(Records from a data collection)
________________________

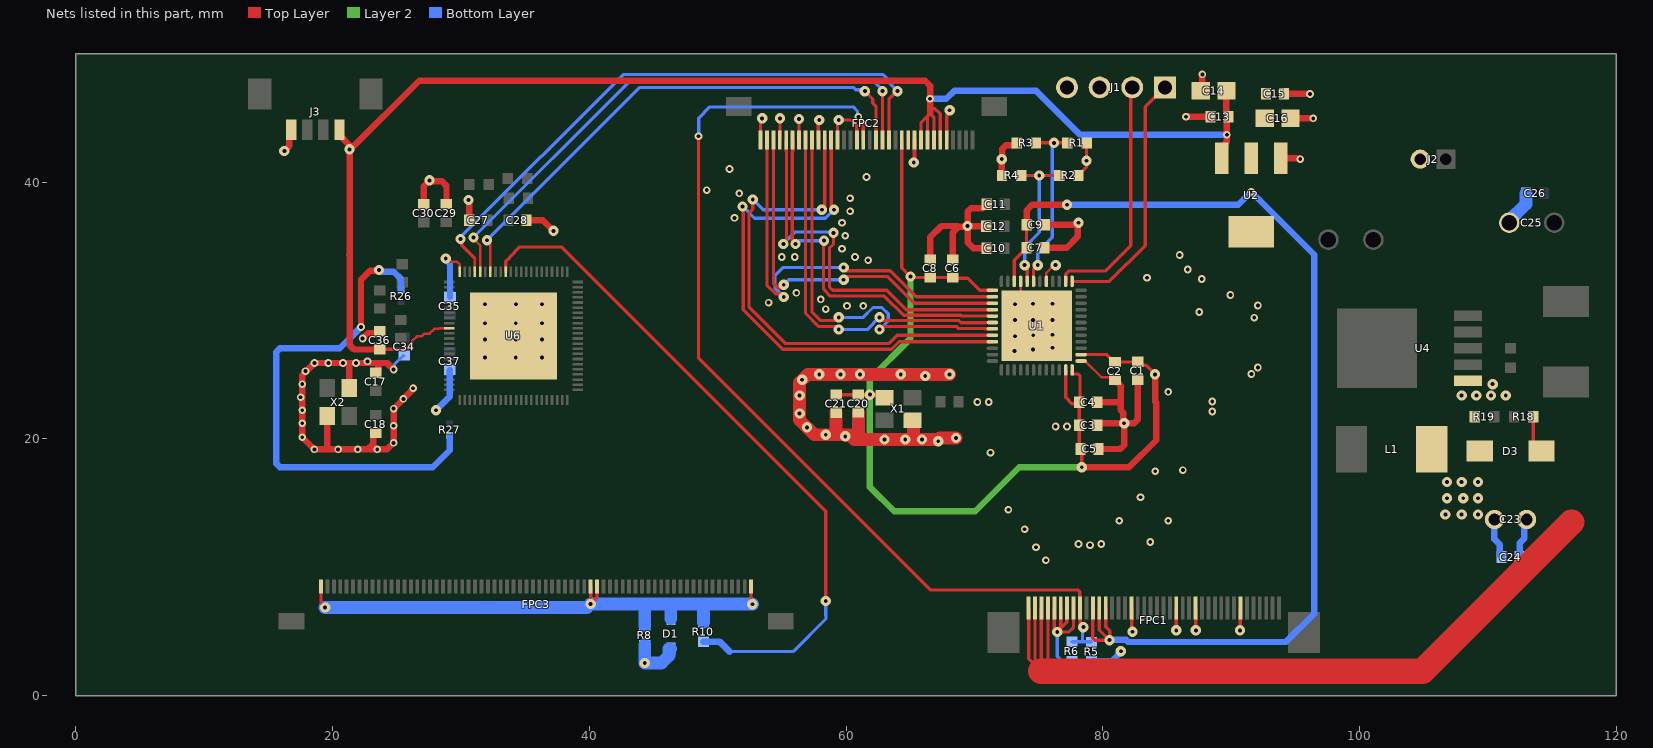
[diagram p0: the nets of this part, all layers, seen from the top]
# Altium PCB MISC71201-3.PcbDoc (part 2 of 3)
Units mm, origin at the board's own origin, x right, y up, seen from the top; angles counter-clockwise.
Board outline 120 x 50 mm, 4 copper layers (Top Layer, Layer 1, Layer 2, Bottom Layer), stack 0.603 mm thick; 69 components, 139 nets, 430 pads, 271 vias.

## Part data (continued)
C23: "Capacitance:220uF;Tolerance:±20%;Rated voltage:25V;Ripple current:510mA@100kHz;Equivalent series resistance (ESR):130mΩ@100kHz;", Equivalent Series Resistance(ESR)=130mΩ@100kHz, JLCPCB Part Class="Extended Part", LCSC Part Name="220uF ±20% 25V", Manufacturer=JIERR(捷而瑞), ManufacturerPart=ERG25V220M6X11, Operating Temperature=-40℃~+105℃, Ripple Current=510mA@100kHz, Tolerance=±20%, Voltage Rating=25V
C27: library part C0402_1u_6.3V_X5R, "SMD capacitor", PartNumber=00226021661, Value1=0.1uF/6.3V, Value2=X5R
C28 C34 C35 C36 C37: library part C0402_2.2u_6.3V_X5R, "SMD capacitor", PartNumber=002260222561, Value1=1uF/6.3V, Value2=X5R
C29 C30: library part C0603_1u_50V_X7R, "SMD capacitor", PartNumber=002260310544, Value1=4.7uF/50V, Value2=X7R
C31 C32 C33: library part C0603_1u_50V_X7R, "SMD capacitor", PartNumber=002260310544, Value1=1uF/50V, Value2=X7R
D1: library part pdyl240b_c5187140, "Reverse standoff voltage (Vrwm):24V;Clamping voltage:60V;Peak pulse power (Ppp):350W@8/20us;Breakdown voltage (VBR):26.7V;", Clamping Voltage=60V, JLCPCB Part Class="Extended Part", Junction Capacitance=1pF, LCSC Part Name="ESD 24V截止", Manufacturer=Leiditech(雷卯电子), ManufacturerPart=PDYL240B, Peak Pulse Power Dissipation (Ppp)=350W@8/20us, Reverse Leakage Current (Ir)=1uA, Reverse Stand-Off Voltage (Vrwm)=24V, Voltage - Breakdown=26.7V
D3: library part ss34_c7420365, "Diode configuration:Single;Forward voltage (Vf):550mV@3A;DC reverse voltage (Vr):40V;Rectified current:3A;", Current - Rectified=3A, JLCPCB Part Class="Extended Part", LCSC Part Name="电压:40V 电流:3A", Manufacturer=R+O(宏嘉诚), ManufacturerPart=SS34, Reverse Leakage Current (Ir)=200uA@40V, Voltage - DC Reverse(Vr)=40V, Voltage - Forward(Vf@If)=550mV@3A
FPC1: "Locking:Slide;Contact type:Bottom;Contacts:40P;Pitch:0.5mm;Mounting:Horizontal SMT;Operating temperature:-25℃~+85℃;", JLCPCB Part Class="Extended Part", LCSC Part Name="间距:0.5mm 40P 抽屉式 下接", Manufacturer=BXCONN(宝讯), ManufacturerPart=FC-05D40P11H20, Operating Temperature=-25℃~+85℃, Rated Voltage (Max)=50V
FPC2: "Locking:Flip;Contact type:Bottom;Contacts:34P;Pitch:0.5mm;Mounting:Horizontal SMT;Operating temperature:-40℃~+85℃;", Current Rating (Max)=500mA, JLCPCB Part Class="Extended Part", LCSC Part Name="FPC 翻盖式 下接 P数:34P 间距:0.5mm", Manufacturer=BXCONN(宝讯), ManufacturerPart=FC-05A34P011H20, Operating Temperature=-40℃~+85℃, Rated Voltage (Max)=50V
FPC3: "Locking:Flip;Contact type:Bottom;Contacts:68P;Pitch:0.5mm;Mounting:Horizontal SMT;Operating temperature:-25℃~+85℃;", Current Rating (Max)=500mA, JLCPCB Part Class="Extended Part", LCSC Part Name="翻盖式 下接 P数:68P 间距:0.5mm", Manufacturer=JS(钜硕电子), ManufacturerPart=AFC18-S68FIA-00, Operating Temperature=-25℃~+85℃, Rated Voltage (Max)=50V
J1: "Pin structure:1x4P;Pitch:2.54mm;Row pitch:-;Round/square pin:Square;Mounting:THT;Rows:Single;Total pins:4P;Rated current:3A;Rated voltage:1kV;Mating pin length:6mm;Insulator height:2.5mm;Tail length:3mm;Contact material:Brass;Contact plating:Gold;Operating temperature:-40℃~+105℃;Color:Black;", Color=黑色, Current Rating=3A, JLCPCB Part Class="Extended Part", LCSC Part Name="1x4P 间距:2.54mm 方针 直插", Manufacturer=hanxia(韩下), ManufacturerPart="HX PZ2.54-1x4P ZZ", Operating Temperature=-40℃~+105℃, Voltage Rating (Max)=1kV
J2: "Pin structure:1x2P;Pitch:2mm;Mounting:Right-angle THT;Series:PA;Total pins:2P;Rows:1;Pins per row:2;Row pitch:-;Rated current:3A;Contact material:Copper alloy;Contact plating:Tin;Operating temperature:-25℃~+85℃;", Color=白色, Current Rating=3A, Flame Retardant Rating=UL94V-0, JLCPCB Part Class="Extended Part", LCSC Part Name="1x2P 间距:2mm 弯插 系列:PA", Manufacturer=JST, ManufacturerPart=S02B-PASK-2(LF)(SN), Operating Temperature=-25℃~+85℃, Voltage Rating=250V
J3: "Pin structure:1x4P;Pitch:1.25mm;Mounting:Horizontal SMT;Series:PicoBlade(MX 1.25);Total pins:4P;Rows:1;Pins per row:4;Rated current:1A;Contact material:Brass;Contact plating:Tin;Operating temperature:-25℃~+85℃;", Current Rating=1A, JLCPCB Part Class="Extended Part", LCSC Part Name="1x4P 间距:1.25mm 卧贴 系列:PicoBlade(MX 1.25)", Manufacturer=LXWCONN(连兴旺电子), ManufacturerPart=MX1.25mm-4P-WT, Operating Temperature=-25℃~+85℃, Voltage Rating=125V
L1 L2: "SMD, 7x6.6x2.8mm   alloy inductor, molded inductor, high current", JLCPCB Part Class="Extended Part", LCSC Part Name="15uH ±20%", Manufacturer=cjiang(长江微电), ManufacturerPart=FXL0630-150-M
R1 R2 R3 R4 R5 R6 R7: library part Resistor
R8 R10: library part Res2, POWER=0.1W, Tolerance=1%
R9 R25: library part Res2, "SMD resistor"
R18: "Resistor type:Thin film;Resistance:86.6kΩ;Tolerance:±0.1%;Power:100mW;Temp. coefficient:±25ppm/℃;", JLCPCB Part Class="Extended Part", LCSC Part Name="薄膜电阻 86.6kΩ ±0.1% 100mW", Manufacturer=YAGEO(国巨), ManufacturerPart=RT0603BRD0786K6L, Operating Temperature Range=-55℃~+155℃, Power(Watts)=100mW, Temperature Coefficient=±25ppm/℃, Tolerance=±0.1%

________________________

- **Exercise aim**:
Quote all the lines above exactly as given. Do not include the pictures.

- **Reply**:
[diagram p0: the nets of this part, all layers, seen from the top]
# Altium PCB MISC71201-3.PcbDoc (part 2 of 3)
Units mm, origin at the board's own origin, x right, y up, seen from the top; angles counter-clockwise.
Board outline 120 x 50 mm, 4 copper layers (Top Layer, Layer 1, Layer 2, Bottom Layer), stack 0.603 mm thick; 69 components, 139 nets, 430 pads, 271 vias.

## Part data (continued)
C23: "Capacitance:220uF;Tolerance:±20%;Rated voltage:25V;Ripple current:510mA@100kHz;Equivalent series resistance (ESR):130mΩ@100kHz;", Equivalent Series Resistance(ESR)=130mΩ@100kHz, JLCPCB Part Class="Extended Part", LCSC Part Name="220uF ±20% 25V", Manufacturer=JIERR(捷而瑞), ManufacturerPart=ERG25V220M6X11, Operating Temperature=-40℃~+105℃, Ripple Current=510mA@100kHz, Tolerance=±20%, Voltage Rating=25V
C27: library part C0402_1u_6.3V_X5R, "SMD capacitor", PartNumber=00226021661, Value1=0.1uF/6.3V, Value2=X5R
C28 C34 C35 C36 C37: library part C0402_2.2u_6.3V_X5R, "SMD capacitor", PartNumber=002260222561, Value1=1uF/6.3V, Value2=X5R
C29 C30: library part C0603_1u_50V_X7R, "SMD capacitor", PartNumber=002260310544, Value1=4.7uF/50V, Value2=X7R
C31 C32 C33: library part C0603_1u_50V_X7R, "SMD capacitor", PartNumber=002260310544, Value1=1uF/50V, Value2=X7R
D1: library part pdyl240b_c5187140, "Reverse standoff voltage (Vrwm):24V;Clamping voltage:60V;Peak pulse power (Ppp):350W@8/20us;Breakdown voltage (VBR):26.7V;", Clamping Voltage=60V, JLCPCB Part Class="Extended Part", Junction Capacitance=1pF, LCSC Part Name="ESD 24V截止", Manufacturer=Leiditech(雷卯电子), ManufacturerPart=PDYL240B, Peak Pulse Power Dissipation (Ppp)=350W@8/20us, Reverse Leakage Current (Ir)=1uA, Reverse Stand-Off Voltage (Vrwm)=24V, Voltage - Breakdown=26.7V
D3: library part ss34_c7420365, "Diode configuration:Single;Forward voltage (Vf):550mV@3A;DC reverse voltage (Vr):40V;Rectified current:3A;", Current - Rectified=3A, JLCPCB Part Class="Extended Part", LCSC Part Name="电压:40V 电流:3A", Manufacturer=R+O(宏嘉诚), ManufacturerPart=SS34, Reverse Leakage Current (Ir)=200uA@40V, Voltage - DC Reverse(Vr)=40V, Voltage - Forward(Vf@If)=550mV@3A
FPC1: "Locking:Slide;Contact type:Bottom;Contacts:40P;Pitch:0.5mm;Mounting:Horizontal SMT;Operating temperature:-25℃~+85℃;", JLCPCB Part Class="Extended Part", LCSC Part Name="间距:0.5mm 40P 抽屉式 下接", Manufacturer=BXCONN(宝讯), ManufacturerPart=FC-05D40P11H20, Operating Temperature=-25℃~+85℃, Rated Voltage (Max)=50V
FPC2: "Locking:Flip;Contact type:Bottom;Contacts:34P;Pitch:0.5mm;Mounting:Horizontal SMT;Operating temperature:-40℃~+85℃;", Current Rating (Max)=500mA, JLCPCB Part Class="Extended Part", LCSC Part Name="FPC 翻盖式 下接 P数:34P 间距:0.5mm", Manufacturer=BXCONN(宝讯), ManufacturerPart=FC-05A34P011H20, Operating Temperature=-40℃~+85℃, Rated Voltage (Max)=50V
FPC3: "Locking:Flip;Contact type:Bottom;Contacts:68P;Pitch:0.5mm;Mounting:Horizontal SMT;Operating temperature:-25℃~+85℃;", Current Rating (Max)=500mA, JLCPCB Part Class="Extended Part", LCSC Part Name="翻盖式 下接 P数:68P 间距:0.5mm", Manufacturer=JS(钜硕电子), ManufacturerPart=AFC18-S68FIA-00, Operating Temperature=-25℃~+85℃, Rated Voltage (Max)=50V
J1: "Pin structure:1x4P;Pitch:2.54mm;Row pitch:-;Round/square pin:Square;Mounting:THT;Rows:Single;Total pins:4P;Rated current:3A;Rated voltage:1kV;Mating pin length:6mm;Insulator height:2.5mm;Tail length:3mm;Contact material:Brass;Contact plating:Gold;Operating temperature:-40℃~+105℃;Color:Black;", Color=黑色, Current Rating=3A, JLCPCB Part Class="Extended Part", LCSC Part Name="1x4P 间距:2.54mm 方针 直插", Manufacturer=hanxia(韩下), ManufacturerPart="HX PZ2.54-1x4P ZZ", Operating Temperature=-40℃~+105℃, Voltage Rating (Max)=1kV
J2: "Pin structure:1x2P;Pitch:2mm;Mounting:Right-angle THT;Series:PA;Total pins:2P;Rows:1;Pins per row:2;Row pitch:-;Rated current:3A;Contact material:Copper alloy;Contact plating:Tin;Operating temperature:-25℃~+85℃;", Color=白色, Current Rating=3A, Flame Retardant Rating=UL94V-0, JLCPCB Part Class="Extended Part", LCSC Part Name="1x2P 间距:2mm 弯插 系列:PA", Manufacturer=JST, ManufacturerPart=S02B-PASK-2(LF)(SN), Operating Temperature=-25℃~+85℃, Voltage Rating=250V
J3: "Pin structure:1x4P;Pitch:1.25mm;Mounting:Horizontal SMT;Series:PicoBlade(MX 1.25);Total pins:4P;Rows:1;Pins per row:4;Rated current:1A;Contact material:Brass;Contact plating:Tin;Operating temperature:-25℃~+85℃;", Current Rating=1A, JLCPCB Part Class="Extended Part", LCSC Part Name="1x4P 间距:1.25mm 卧贴 系列:PicoBlade(MX 1.25)", Manufacturer=LXWCONN(连兴旺电子), ManufacturerPart=MX1.25mm-4P-WT, Operating Temperature=-25℃~+85℃, Voltage Rating=125V
L1 L2: "SMD, 7x6.6x2.8mm   alloy inductor, molded inductor, high current", JLCPCB Part Class="Extended Part", LCSC Part Name="15uH ±20%", Manufacturer=cjiang(长江微电), ManufacturerPart=FXL0630-150-M
R1 R2 R3 R4 R5 R6 R7: library part Resistor
R8 R10: library part Res2, POWER=0.1W, Tolerance=1%
R9 R25: library part Res2, "SMD resistor"
R18: "Resistor type:Thin film;Resistance:86.6kΩ;Tolerance:±0.1%;Power:100mW;Temp. coefficient:±25ppm/℃;", JLCPCB Part Class="Extended Part", LCSC Part Name="薄膜电阻 86.6kΩ ±0.1% 100mW", Manufacturer=YAGEO(国巨), ManufacturerPart=RT0603BRD0786K6L, Operating Temperature Range=-55℃~+155℃, Power(Watts)=100mW, Temperature Coefficient=±25ppm/℃, Tolerance=±0.1%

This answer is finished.